Record set:
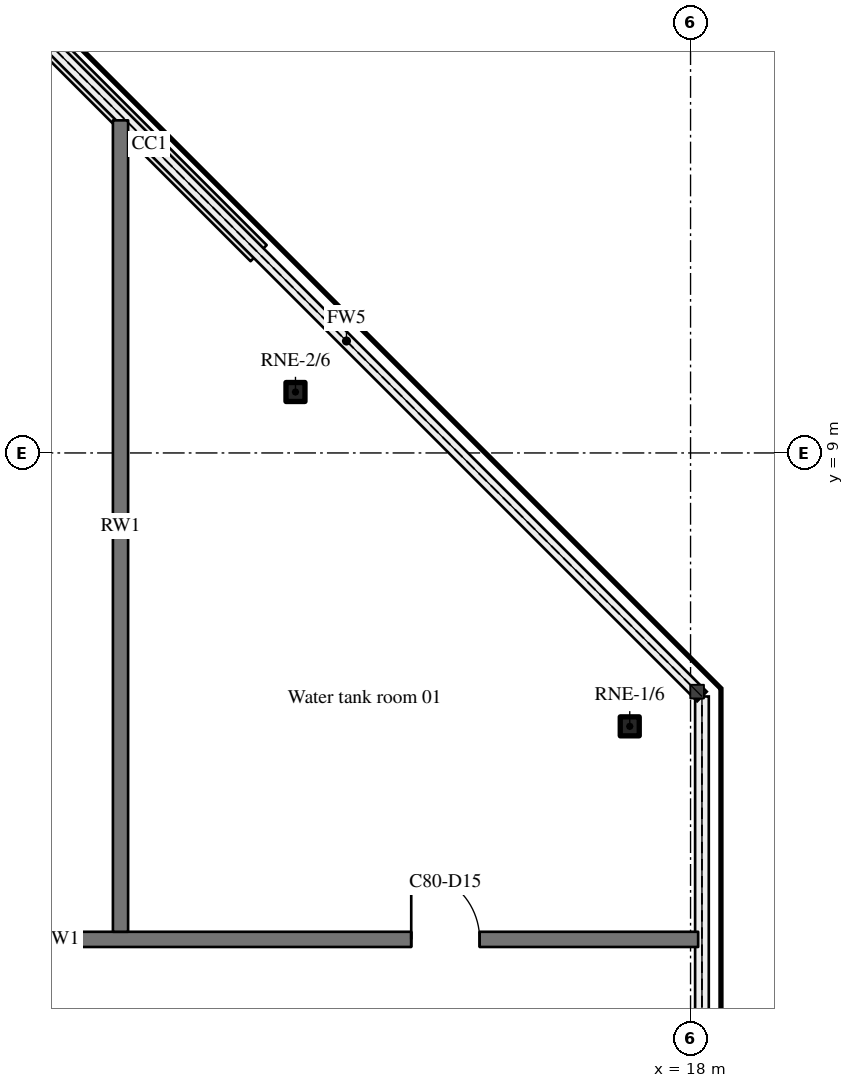
"""IFC4 building model, lengths in metres.
Left out: names, types, materials, properties, quantities, classifications, styles, units other than length and angle.
Written with IfcOpenShell. Run it as: python <this file> out.ifc"""

import sys

from ifc_helpers import new_model, si_unit, direction, frame, frame_2d, origin, origin_2d, place, context, subcontext, project, spatial, rectangle, hollow_rectangle, extrude, element, fill, save


model = new_model("IFC4")
c1 = context("Model", 3, precision=1e-05, world=origin(), true_north=direction((0.0, 1.0)))
c2 = subcontext(c1, "Body", "Model", "MODEL_VIEW")
j1 = project(units=[si_unit("LENGTHUNIT", "METRE"), si_unit("PLANEANGLEUNIT", "RADIAN")], contexts=[c1])
p1 = place(None, origin())
s1 = spatial("IfcSite", under=j1, at=p1, CompositionType="ELEMENT")
p2 = place(p1, origin())
s2 = spatial("IfcBuilding", under=s1, at=p2, CompositionType="ELEMENT")
p3 = place(p2, frame((0.0, 0.0, 297.3)))
s3 = spatial("IfcBuildingStorey", under=s2, at=p3, CompositionType="ELEMENT", Elevation=297.3)
for number, where, z_axis, x_axis in (
    (1, (17.2, 5.403, 0.0), (0.0, 0.0, 1.0), (1.0, 0.0, 0.0)),
    (2, (12.802, 9.802, 0.0), (0.0, 0.0, 1.0), (1.0, 0.0, 0.0)),
):
    element("IfcColumn", number, at=place(p3, frame(where, z_axis=z_axis, x_axis=x_axis)), inside=s3, PredefinedType="COLUMN", context=c2, shape_type="SweptSolid", body=[
        extrude(hollow_rectangle(XDim=0.25, YDim=0.25, WallThickness=0.02, InnerFilletRadius=0.03, OuterFilletRadius=0.05, at=origin_2d()), origin(), (0.0, 0.0, 1.0), 3.6),
    ])
p4 = place(p3, frame((1.3, 2.6, 0.0), z_axis=(0.0, 0.0, 1.0), x_axis=(1.0, 0.0, 0.0)))
e3 = element("IfcWall", 3, at=p4, inside=s3, PredefinedType="SOLIDWALL", context=c2, shape_type="SweptSolid", body=[
    extrude(rectangle(XDim=16.8, YDim=0.2, at=frame_2d((8.4, 0.0))), origin(), (0.0, 0.0, 1.0), 2.66),
])
p5 = place(p4, frame((1.9, 0.0, 0.0)))
e4 = element("IfcOpeningElement", 4, at=p5, cuts=e3, PredefinedType="OPENING", context=c2, shape_type="SweptSolid", body=[
    extrude(rectangle(XDim=0.9, YDim=2.1, at=frame_2d((0.45, 1.05))), frame((0.0, 0.11, 0.0), z_axis=(0.0, -1.0, 0.0), x_axis=(1.0, 0.0, 0.0)), (0.0, 0.0, 1.0), 0.22),
])
p6 = place(p4, frame((6.0, 0.0, 0.0)))
e5 = element("IfcOpeningElement", 5, at=p6, cuts=e3, PredefinedType="OPENING", context=c2, shape_type="SweptSolid", body=[
    extrude(rectangle(XDim=0.9, YDim=2.1, at=frame_2d((0.45, 1.05))), frame((0.0, 0.11, 0.0), z_axis=(0.0, -1.0, 0.0), x_axis=(1.0, 0.0, 0.0)), (0.0, 0.0, 1.0), 0.22),
])
p7 = place(p4, frame((13.025, 0.0, 0.0)))
e6 = element("IfcOpeningElement", 6, at=p7, cuts=e3, PredefinedType="OPENING", context=c2, shape_type="SweptSolid", body=[
    extrude(rectangle(XDim=0.9, YDim=2.1, at=frame_2d((0.45, 1.05))), frame((0.0, 0.11, 0.0), z_axis=(0.0, -1.0, 0.0), x_axis=(1.0, 0.0, 0.0)), (0.0, 0.0, 1.0), 0.22),
])
p8 = place(p3, frame((10.5, 2.7, 0.0), z_axis=(0.0, 0.0, 1.0), x_axis=(0.0, 1.0, 0.0)))
e7 = element("IfcWall", 7, at=p8, inside=s3, PredefinedType="SOLIDWALL", context=c2, shape_type="SweptSolid", body=[
    extrude(rectangle(XDim=10.676, YDim=0.2, at=frame_2d((5.338, 0.0))), origin(), (0.0, 0.0, 1.0), 2.66),
])
p9 = place(p7, origin())
e8 = element("IfcDoor", 8, at=p9, inside=s3, OperationType="SINGLE_SWING_LEFT", PredefinedType="DOOR", context=c2, shape_type="SweptSolid", body=[
    extrude(rectangle(XDim=0.9, YDim=2.1, at=frame_2d((0.45, 1.05))), frame((0.0, 0.025, 0.0), z_axis=(0.0, -1.0, 0.0), x_axis=(1.0, 0.0, 0.0)), (0.0, 0.0, 1.0), 0.05),
])
fill(e6, e8)
save(model, sys.argv[1])

Exercise directions: Your reply should be only the number of lines in the preceding data that include the word "where".

Answer for this exercise: 2